**What you should do:**
Give every line of the data again, unchanged, but with no pictures.

======== The data ========

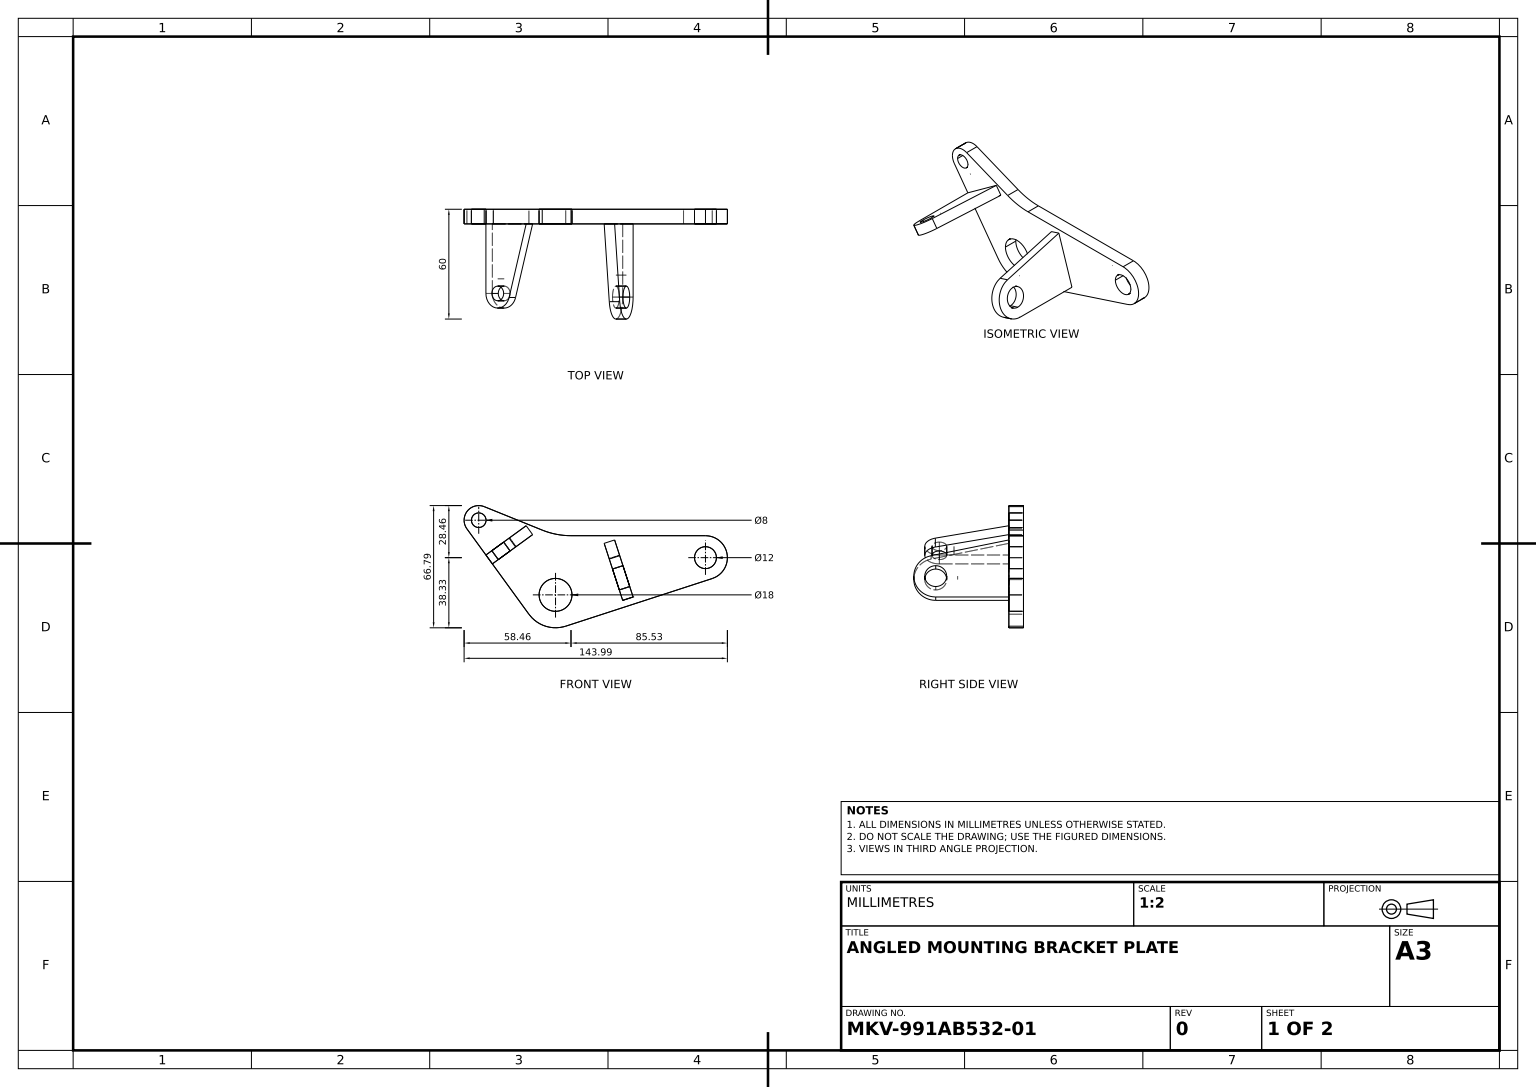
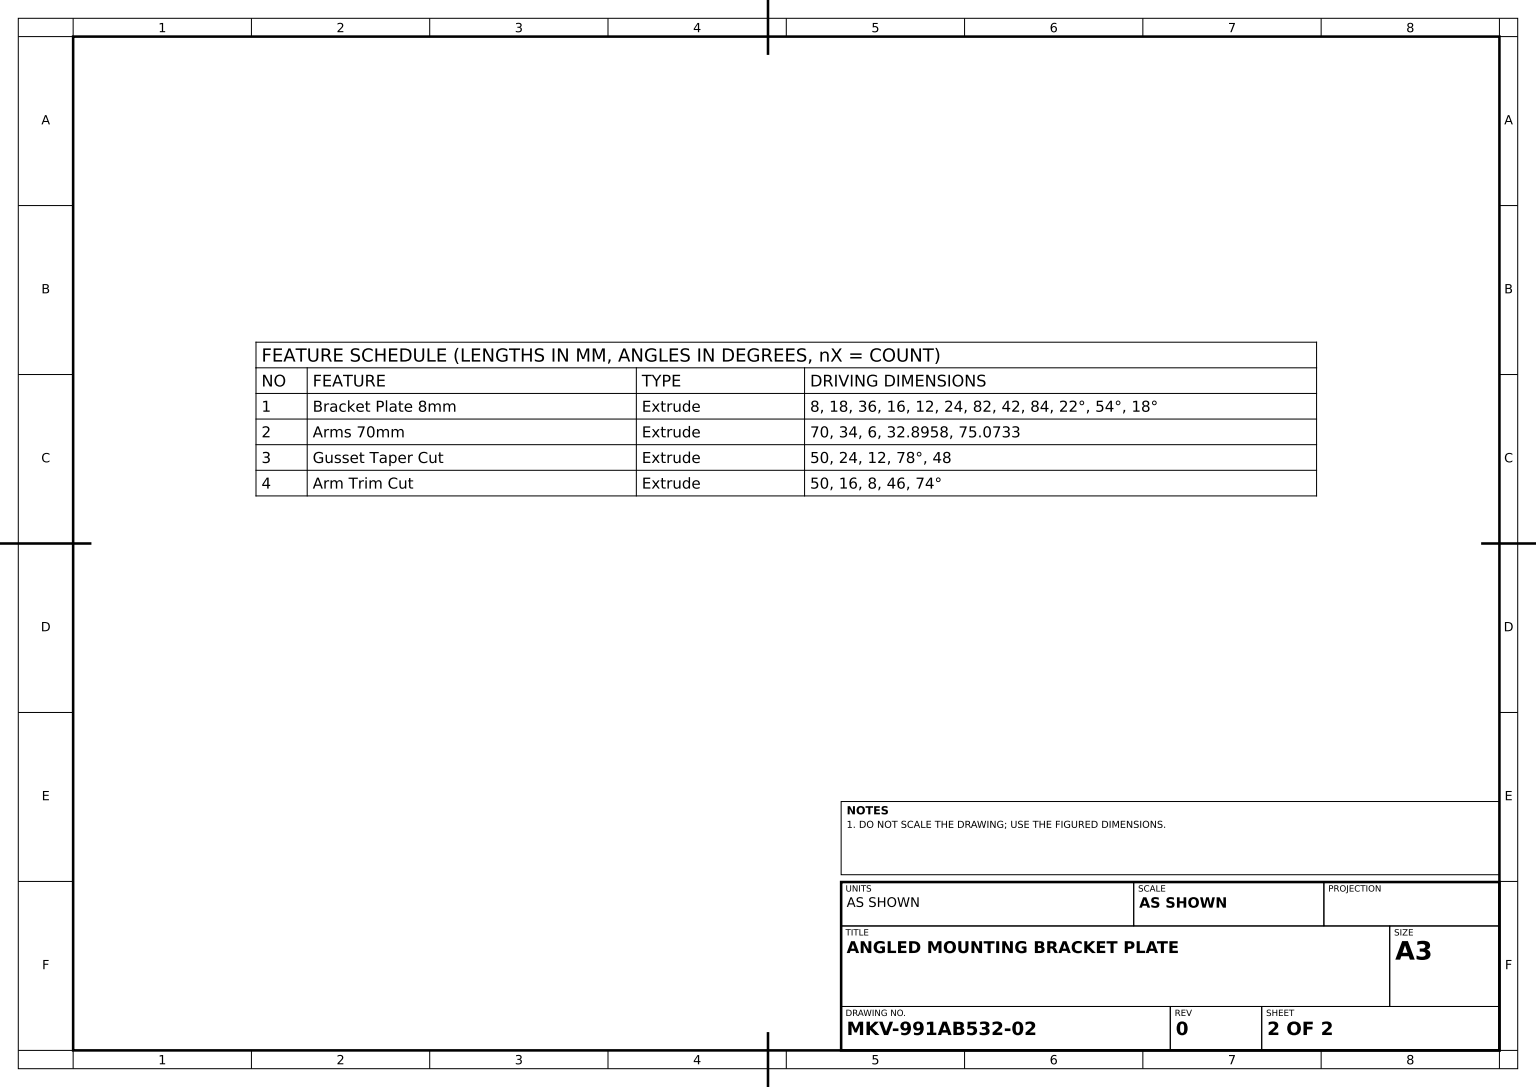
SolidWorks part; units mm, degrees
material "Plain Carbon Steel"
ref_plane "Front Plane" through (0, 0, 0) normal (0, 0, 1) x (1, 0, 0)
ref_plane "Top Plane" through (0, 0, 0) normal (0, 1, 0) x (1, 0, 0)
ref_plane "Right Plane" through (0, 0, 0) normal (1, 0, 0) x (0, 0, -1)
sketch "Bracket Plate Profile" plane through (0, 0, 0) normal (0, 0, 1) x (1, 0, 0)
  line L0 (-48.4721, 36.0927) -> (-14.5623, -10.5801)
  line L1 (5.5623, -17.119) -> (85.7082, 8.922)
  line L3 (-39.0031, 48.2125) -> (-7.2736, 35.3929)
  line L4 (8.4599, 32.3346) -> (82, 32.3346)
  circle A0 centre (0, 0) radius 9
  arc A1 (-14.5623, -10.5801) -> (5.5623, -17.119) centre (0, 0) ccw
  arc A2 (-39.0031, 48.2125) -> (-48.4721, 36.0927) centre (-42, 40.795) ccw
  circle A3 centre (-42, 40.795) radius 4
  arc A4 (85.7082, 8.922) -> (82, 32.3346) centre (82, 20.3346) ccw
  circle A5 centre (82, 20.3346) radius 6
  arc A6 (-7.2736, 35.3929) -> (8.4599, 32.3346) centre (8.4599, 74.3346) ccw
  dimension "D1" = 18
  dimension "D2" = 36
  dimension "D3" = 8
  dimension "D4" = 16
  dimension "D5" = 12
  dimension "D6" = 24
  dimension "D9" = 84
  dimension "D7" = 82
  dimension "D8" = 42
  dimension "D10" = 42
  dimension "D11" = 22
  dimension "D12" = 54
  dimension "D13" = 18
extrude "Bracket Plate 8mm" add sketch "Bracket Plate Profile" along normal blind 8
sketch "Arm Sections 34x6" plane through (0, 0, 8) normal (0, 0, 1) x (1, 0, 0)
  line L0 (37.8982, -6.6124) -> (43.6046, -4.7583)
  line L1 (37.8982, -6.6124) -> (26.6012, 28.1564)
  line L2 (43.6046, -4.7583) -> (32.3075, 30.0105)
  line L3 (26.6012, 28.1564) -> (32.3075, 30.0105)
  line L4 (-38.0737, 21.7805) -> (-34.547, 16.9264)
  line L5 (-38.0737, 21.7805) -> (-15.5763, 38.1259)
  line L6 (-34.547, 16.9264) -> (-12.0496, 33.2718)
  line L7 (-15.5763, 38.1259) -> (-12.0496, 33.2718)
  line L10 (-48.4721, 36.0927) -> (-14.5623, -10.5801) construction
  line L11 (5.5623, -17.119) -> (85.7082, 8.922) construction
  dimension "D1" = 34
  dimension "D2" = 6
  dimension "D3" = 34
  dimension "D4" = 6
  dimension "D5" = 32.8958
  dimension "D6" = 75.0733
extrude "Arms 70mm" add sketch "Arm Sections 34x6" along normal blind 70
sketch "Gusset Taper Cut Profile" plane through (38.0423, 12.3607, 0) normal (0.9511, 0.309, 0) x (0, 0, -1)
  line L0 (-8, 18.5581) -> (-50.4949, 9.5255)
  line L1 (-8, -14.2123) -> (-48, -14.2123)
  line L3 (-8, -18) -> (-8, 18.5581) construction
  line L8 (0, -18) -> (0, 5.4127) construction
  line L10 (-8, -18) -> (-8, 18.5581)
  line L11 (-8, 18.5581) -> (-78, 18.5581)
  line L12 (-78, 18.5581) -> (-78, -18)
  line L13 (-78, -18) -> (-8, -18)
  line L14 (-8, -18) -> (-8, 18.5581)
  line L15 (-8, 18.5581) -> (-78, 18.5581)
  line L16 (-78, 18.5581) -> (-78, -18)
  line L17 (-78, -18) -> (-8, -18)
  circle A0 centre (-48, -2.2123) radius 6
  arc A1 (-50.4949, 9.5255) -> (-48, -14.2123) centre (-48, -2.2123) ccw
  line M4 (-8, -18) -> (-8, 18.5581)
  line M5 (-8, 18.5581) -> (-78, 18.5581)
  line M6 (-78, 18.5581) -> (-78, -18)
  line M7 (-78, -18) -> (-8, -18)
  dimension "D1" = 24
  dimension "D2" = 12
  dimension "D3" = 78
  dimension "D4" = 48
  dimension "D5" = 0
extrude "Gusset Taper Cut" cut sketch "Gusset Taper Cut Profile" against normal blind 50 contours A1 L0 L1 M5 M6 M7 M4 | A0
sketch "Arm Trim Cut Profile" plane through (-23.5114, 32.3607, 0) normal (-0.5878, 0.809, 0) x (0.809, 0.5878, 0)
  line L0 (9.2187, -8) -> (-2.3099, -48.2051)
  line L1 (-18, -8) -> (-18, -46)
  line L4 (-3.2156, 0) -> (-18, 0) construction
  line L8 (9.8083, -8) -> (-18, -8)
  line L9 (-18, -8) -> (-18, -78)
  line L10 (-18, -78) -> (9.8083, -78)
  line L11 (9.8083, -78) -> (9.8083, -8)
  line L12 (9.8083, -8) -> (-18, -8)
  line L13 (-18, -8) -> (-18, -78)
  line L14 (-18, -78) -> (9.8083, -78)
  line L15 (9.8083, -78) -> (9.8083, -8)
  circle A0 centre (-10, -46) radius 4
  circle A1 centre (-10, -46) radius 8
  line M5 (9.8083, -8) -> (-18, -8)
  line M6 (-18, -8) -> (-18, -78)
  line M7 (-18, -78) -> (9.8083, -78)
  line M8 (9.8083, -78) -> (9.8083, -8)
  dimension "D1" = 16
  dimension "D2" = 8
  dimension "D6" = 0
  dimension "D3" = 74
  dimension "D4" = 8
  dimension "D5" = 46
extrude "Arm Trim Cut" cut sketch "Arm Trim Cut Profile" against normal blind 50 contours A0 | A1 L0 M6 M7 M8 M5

========

**Output of the task:**
SolidWorks part; units mm, degrees
material "Plain Carbon Steel"
ref_plane "Front Plane" through (0, 0, 0) normal (0, 0, 1) x (1, 0, 0)
ref_plane "Top Plane" through (0, 0, 0) normal (0, 1, 0) x (1, 0, 0)
ref_plane "Right Plane" through (0, 0, 0) normal (1, 0, 0) x (0, 0, -1)
sketch "Bracket Plate Profile" plane through (0, 0, 0) normal (0, 0, 1) x (1, 0, 0)
  line L0 (-48.4721, 36.0927) -> (-14.5623, -10.5801)
  line L1 (5.5623, -17.119) -> (85.7082, 8.922)
  line L3 (-39.0031, 48.2125) -> (-7.2736, 35.3929)
  line L4 (8.4599, 32.3346) -> (82, 32.3346)
  circle A0 centre (0, 0) radius 9
  arc A1 (-14.5623, -10.5801) -> (5.5623, -17.119) centre (0, 0) ccw
  arc A2 (-39.0031, 48.2125) -> (-48.4721, 36.0927) centre (-42, 40.795) ccw
  circle A3 centre (-42, 40.795) radius 4
  arc A4 (85.7082, 8.922) -> (82, 32.3346) centre (82, 20.3346) ccw
  circle A5 centre (82, 20.3346) radius 6
  arc A6 (-7.2736, 35.3929) -> (8.4599, 32.3346) centre (8.4599, 74.3346) ccw
  dimension "D1" = 18
  dimension "D2" = 36
  dimension "D3" = 8
  dimension "D4" = 16
  dimension "D5" = 12
  dimension "D6" = 24
  dimension "D9" = 84
  dimension "D7" = 82
  dimension "D8" = 42
  dimension "D10" = 42
  dimension "D11" = 22
  dimension "D12" = 54
  dimension "D13" = 18
extrude "Bracket Plate 8mm" add sketch "Bracket Plate Profile" along normal blind 8
sketch "Arm Sections 34x6" plane through (0, 0, 8) normal (0, 0, 1) x (1, 0, 0)
  line L0 (37.8982, -6.6124) -> (43.6046, -4.7583)
  line L1 (37.8982, -6.6124) -> (26.6012, 28.1564)
  line L2 (43.6046, -4.7583) -> (32.3075, 30.0105)
  line L3 (26.6012, 28.1564) -> (32.3075, 30.0105)
  line L4 (-38.0737, 21.7805) -> (-34.547, 16.9264)
  line L5 (-38.0737, 21.7805) -> (-15.5763, 38.1259)
  line L6 (-34.547, 16.9264) -> (-12.0496, 33.2718)
  line L7 (-15.5763, 38.1259) -> (-12.0496, 33.2718)
  line L10 (-48.4721, 36.0927) -> (-14.5623, -10.5801) construction
  line L11 (5.5623, -17.119) -> (85.7082, 8.922) construction
  dimension "D1" = 34
  dimension "D2" = 6
  dimension "D3" = 34
  dimension "D4" = 6
  dimension "D5" = 32.8958
  dimension "D6" = 75.0733
extrude "Arms 70mm" add sketch "Arm Sections 34x6" along normal blind 70
sketch "Gusset Taper Cut Profile" plane through (38.0423, 12.3607, 0) normal (0.9511, 0.309, 0) x (0, 0, -1)
  line L0 (-8, 18.5581) -> (-50.4949, 9.5255)
  line L1 (-8, -14.2123) -> (-48, -14.2123)
  line L3 (-8, -18) -> (-8, 18.5581) construction
  line L8 (0, -18) -> (0, 5.4127) construction
  line L10 (-8, -18) -> (-8, 18.5581)
  line L11 (-8, 18.5581) -> (-78, 18.5581)
  line L12 (-78, 18.5581) -> (-78, -18)
  line L13 (-78, -18) -> (-8, -18)
  line L14 (-8, -18) -> (-8, 18.5581)
  line L15 (-8, 18.5581) -> (-78, 18.5581)
  line L16 (-78, 18.5581) -> (-78, -18)
  line L17 (-78, -18) -> (-8, -18)
  circle A0 centre (-48, -2.2123) radius 6
  arc A1 (-50.4949, 9.5255) -> (-48, -14.2123) centre (-48, -2.2123) ccw
  line M4 (-8, -18) -> (-8, 18.5581)
  line M5 (-8, 18.5581) -> (-78, 18.5581)
  line M6 (-78, 18.5581) -> (-78, -18)
  line M7 (-78, -18) -> (-8, -18)
  dimension "D1" = 24
  dimension "D2" = 12
  dimension "D3" = 78
  dimension "D4" = 48
  dimension "D5" = 0
extrude "Gusset Taper Cut" cut sketch "Gusset Taper Cut Profile" against normal blind 50 contours A1 L0 L1 M5 M6 M7 M4 | A0
sketch "Arm Trim Cut Profile" plane through (-23.5114, 32.3607, 0) normal (-0.5878, 0.809, 0) x (0.809, 0.5878, 0)
  line L0 (9.2187, -8) -> (-2.3099, -48.2051)
  line L1 (-18, -8) -> (-18, -46)
  line L4 (-3.2156, 0) -> (-18, 0) construction
  line L8 (9.8083, -8) -> (-18, -8)
  line L9 (-18, -8) -> (-18, -78)
  line L10 (-18, -78) -> (9.8083, -78)
  line L11 (9.8083, -78) -> (9.8083, -8)
  line L12 (9.8083, -8) -> (-18, -8)
  line L13 (-18, -8) -> (-18, -78)
  line L14 (-18, -78) -> (9.8083, -78)
  line L15 (9.8083, -78) -> (9.8083, -8)
  circle A0 centre (-10, -46) radius 4
  circle A1 centre (-10, -46) radius 8
  line M5 (9.8083, -8) -> (-18, -8)
  line M6 (-18, -8) -> (-18, -78)
  line M7 (-18, -78) -> (9.8083, -78)
  line M8 (9.8083, -78) -> (9.8083, -8)
  dimension "D1" = 16
  dimension "D2" = 8
  dimension "D6" = 0
  dimension "D3" = 74
  dimension "D4" = 8
  dimension "D5" = 46
extrude "Arm Trim Cut" cut sketch "Arm Trim Cut Profile" against normal blind 50 contours A0 | A1 L0 M6 M7 M8 M5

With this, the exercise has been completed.